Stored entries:

════════════════

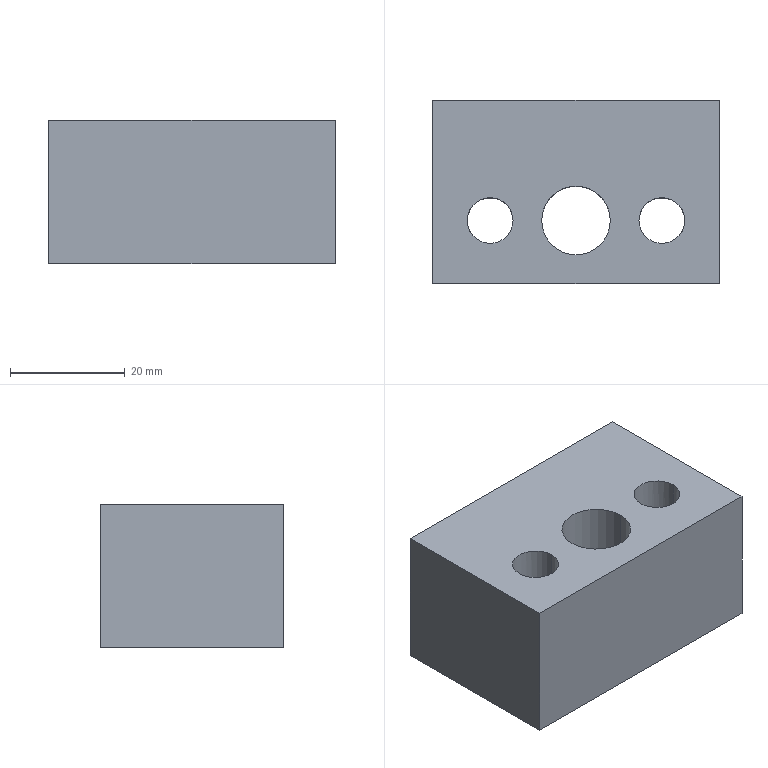Component | SolidWorks | BevelGearPlate2-2 | 1 solid | 18 faces | box 50 x 32 x 25 mm | volume 33376 mm3 | cylinder 10 | plane 6 | cone 2 | commonest cylinder face diameters 6.8 x4 8 x4 12 x2
build123d program:
from build123d import *

# Parameters (mm, degrees)
SKETCH1_W             = 50
SKETCH1_H             = 32
SKETCH1_R             = 4
SKETCH1_R_2           = 6
EXTRUDE1_DEPTH        = 25
M8_TAPPED_HOLE5_D     = 6.8
M8_TAPPED_HOLE5_DEPTH = 22.25
M8_TAPPED_HOLE5_TIP   = 2.043


with BuildPart() as part:
    # Sketch1 → Extrude1 (new body)
    with BuildSketch(Plane.XY):
        Rectangle(SKETCH1_W, SKETCH1_H)
        with Locations((-15, -5)):
            Circle(SKETCH1_R, mode=Mode.SUBTRACT)
        with Locations((15, -5)):
            Circle(SKETCH1_R, mode=Mode.SUBTRACT)
        with Locations((0, -5)):
            Circle(SKETCH1_R_2, mode=Mode.SUBTRACT)
    extrude(amount=EXTRUDE1_DEPTH)

    # M8 Tapped Hole5
    with Locations(Plane(origin=(0, 16, 0), x_dir=(-1, 0, 0), z_dir=(0, 1, 0))):
        with Locations((16, 12.5), (-16, 12.5)):
            Hole(M8_TAPPED_HOLE5_D / 2, depth=M8_TAPPED_HOLE5_DEPTH)
            with Locations((0, 0, -(M8_TAPPED_HOLE5_DEPTH + M8_TAPPED_HOLE5_TIP / 2))):  # 118° drill point
                Cone(0, M8_TAPPED_HOLE5_D / 2, M8_TAPPED_HOLE5_TIP, mode=Mode.SUBTRACT)


solid = part.part

# Placed as in the assembly
solid = solid.moved(Location((-143.621, 596.983, -92.215), (0, 0, 0)))
STEP:
#1=CARTESIAN_POINT('',(-6.402,23.306,-3.201));
#2=VERTEX_POINT('',#1);
#3=CARTESIAN_POINT('',(-6.284,23.459,-3.272));
#4=VERTEX_POINT('',#3);
#5=CARTESIAN_POINT('',(-6.402,23.306,-3.201));
#6=CARTESIAN_POINT('',(-6.402,23.311,-3.201));
#7=CARTESIAN_POINT('',(-6.402,23.316,-3.202));
#8=CARTESIAN_POINT('',(-6.401,23.325,-3.203));
#9=CARTESIAN_POINT('',(-6.401,23.329,-3.204));
#10=CARTESIAN_POINT('',(-6.398,23.342,-3.208));
#11=CARTESIAN_POINT('',(-6.396,23.351,-3.212));
#12=CARTESIAN_POINT('',(-6.391,23.366,-3.22));
#13=CARTESIAN_POINT('',(-6.387,23.374,-3.224));
#14=CARTESIAN_POINT('',(-6.38,23.388,-3.233));
#15=CARTESIAN_POINT('',(-6.375,23.395,-3.237));
#16=CARTESIAN_POINT('',(-6.365,23.408,-3.245));
#17=CARTESIAN_POINT('',(-6.36,23.414,-3.249));
#18=CARTESIAN_POINT('',(-6.348,23.426,-3.257));
#19=CARTESIAN_POINT('',(-6.341,23.432,-3.26));
#20=CARTESIAN_POINT('',(-6.326,23.441,-3.266));
#21=CARTESIAN_POINT('',(-6.319,23.446,-3.268));
#22=CARTESIAN_POINT('',(-6.302,23.454,-3.271));
#23=CARTESIAN_POINT('',(-6.293,23.457,-3.272));
#24=CARTESIAN_POINT('',(-6.284,23.459,-3.272));
#25=B_SPLINE_CURVE_WITH_KNOTS('',3,(#5,#6,#7,#8,#9,#10,#11,#12,#13,#14,#15,#16,#17,#18,#19,#20,#21,#22,#23,#24),.UNSPECIFIED.,.F.,.F.,(4,2,2,2,2,2,2,2,2,4),(0.001321,0.001673,0.002025,0.002729,0.003434,0.004138,0.004842,0.005547,0.006251,0.006955),.UNSPECIFIED.);
#26=EDGE_CURVE('',#2,#4,#25,.T.);
#27=ORIENTED_EDGE('',*,*,#26,.T.);
#28=CARTESIAN_POINT('',(-6.284,24.133,-3.272));
#29=VERTEX_POINT('',#28);
#30=CARTESIAN_POINT('',(-6.284,24.133,-3.272));
#31=DIRECTION('',(0.,1.,0.));
#32=VECTOR('',#31,39.37);
#33=LINE('',#30,#32);
#34=EDGE_CURVE('',#4,#29,#33,.T.);
#35=ORIENTED_EDGE('',*,*,#34,.T.);
#36=CARTESIAN_POINT('',(-6.284,24.133,-3.005));
#37=VERTEX_POINT('',#36);
#38=CARTESIAN_POINT('',(-6.284,24.133,-3.138));
#39=DIRECTION('',(0.,1.,0.));
#40=DIRECTION('',(0.,0.,1.));
#41=AXIS2_PLACEMENT_3D('',#38,#39,#40);
#42=CIRCLE('',#41,0.1339);
#43=EDGE_CURVE('',#29,#37,#42,.T.);
#44=ORIENTED_EDGE('',*,*,#43,.T.);
#45=CARTESIAN_POINT('',(-6.284,23.459,-3.005));
#46=VERTEX_POINT('',#45);
#47=CARTESIAN_POINT('',(-6.284,24.133,-3.005));
#48=DIRECTION('',(0.,1.,0.));
#49=VECTOR('',#48,39.37);
#50=LINE('',#47,#49);
#51=EDGE_CURVE('',#46,#37,#50,.T.);
#52=ORIENTED_EDGE('',*,*,#51,.F.);
#53=CARTESIAN_POINT('',(-6.402,23.306,-3.075));
#54=VERTEX_POINT('',#53);
#55=CARTESIAN_POINT('',(-6.284,23.459,-3.005));
#56=CARTESIAN_POINT('',(-6.293,23.457,-3.005));
#57=CARTESIAN_POINT('',(-6.302,23.453,-3.005));
#58=CARTESIAN_POINT('',(-6.319,23.446,-3.009));
#59=CARTESIAN_POINT('',(-6.326,23.441,-3.011));
#60=CARTESIAN_POINT('',(-6.341,23.432,-3.017));
#61=CARTESIAN_POINT('',(-6.348,23.426,-3.02));
#62=CARTESIAN_POINT('',(-6.36,23.414,-3.028));
#63=CARTESIAN_POINT('',(-6.365,23.408,-3.032));
#64=CARTESIAN_POINT('',(-6.375,23.395,-3.04));
#65=CARTESIAN_POINT('',(-6.38,23.388,-3.044));
#66=CARTESIAN_POINT('',(-6.387,23.374,-3.053));
#67=CARTESIAN_POINT('',(-6.391,23.366,-3.057));
#68=CARTESIAN_POINT('',(-6.396,23.351,-3.065));
#69=CARTESIAN_POINT('',(-6.398,23.342,-3.069));
#70=CARTESIAN_POINT('',(-6.402,23.325,-3.074));
#71=CARTESIAN_POINT('',(-6.402,23.316,-3.075));
#72=CARTESIAN_POINT('',(-6.402,23.306,-3.075));
#73=B_SPLINE_CURVE_WITH_KNOTS('',3,(#55,#56,#57,#58,#59,#60,#61,#62,#63,#64,#65,#66,#67,#68,#69,#70,#71,#72),.UNSPECIFIED.,.F.,.F.,(4,2,2,2,2,2,2,2,4),(0.01782,0.01853,0.01923,0.01993,0.02064,0.02134,0.02204,0.02274,0.02345),.UNSPECIFIED.);
#74=EDGE_CURVE('',#46,#54,#73,.T.);
#75=ORIENTED_EDGE('',*,*,#74,.T.);
#76=CARTESIAN_POINT('',(-6.395,23.257,-3.062));
#77=VERTEX_POINT('',#76);
#78=CARTESIAN_POINT('',(-6.402,23.306,-3.075));
#79=CARTESIAN_POINT('',(-6.402,23.298,-3.075));
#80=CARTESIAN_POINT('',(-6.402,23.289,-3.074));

════════════════

Starting at the line that has "#31=DIRECTION('',(0.,1.,0.));" and ending at the line that has "#41=AXIS2_PLACEMENT_3D('',#38,#39,#40);", please write out the lines above exactly, leaving out all others.

#31=DIRECTION('',(0.,1.,0.));
#32=VECTOR('',#31,39.37);
#33=LINE('',#30,#32);
#34=EDGE_CURVE('',#4,#29,#33,.T.);
#35=ORIENTED_EDGE('',*,*,#34,.T.);
#36=CARTESIAN_POINT('',(-6.284,24.133,-3.005));
#37=VERTEX_POINT('',#36);
#38=CARTESIAN_POINT('',(-6.284,24.133,-3.138));
#39=DIRECTION('',(0.,1.,0.));
#40=DIRECTION('',(0.,0.,1.));
#41=AXIS2_PLACEMENT_3D('',#38,#39,#40);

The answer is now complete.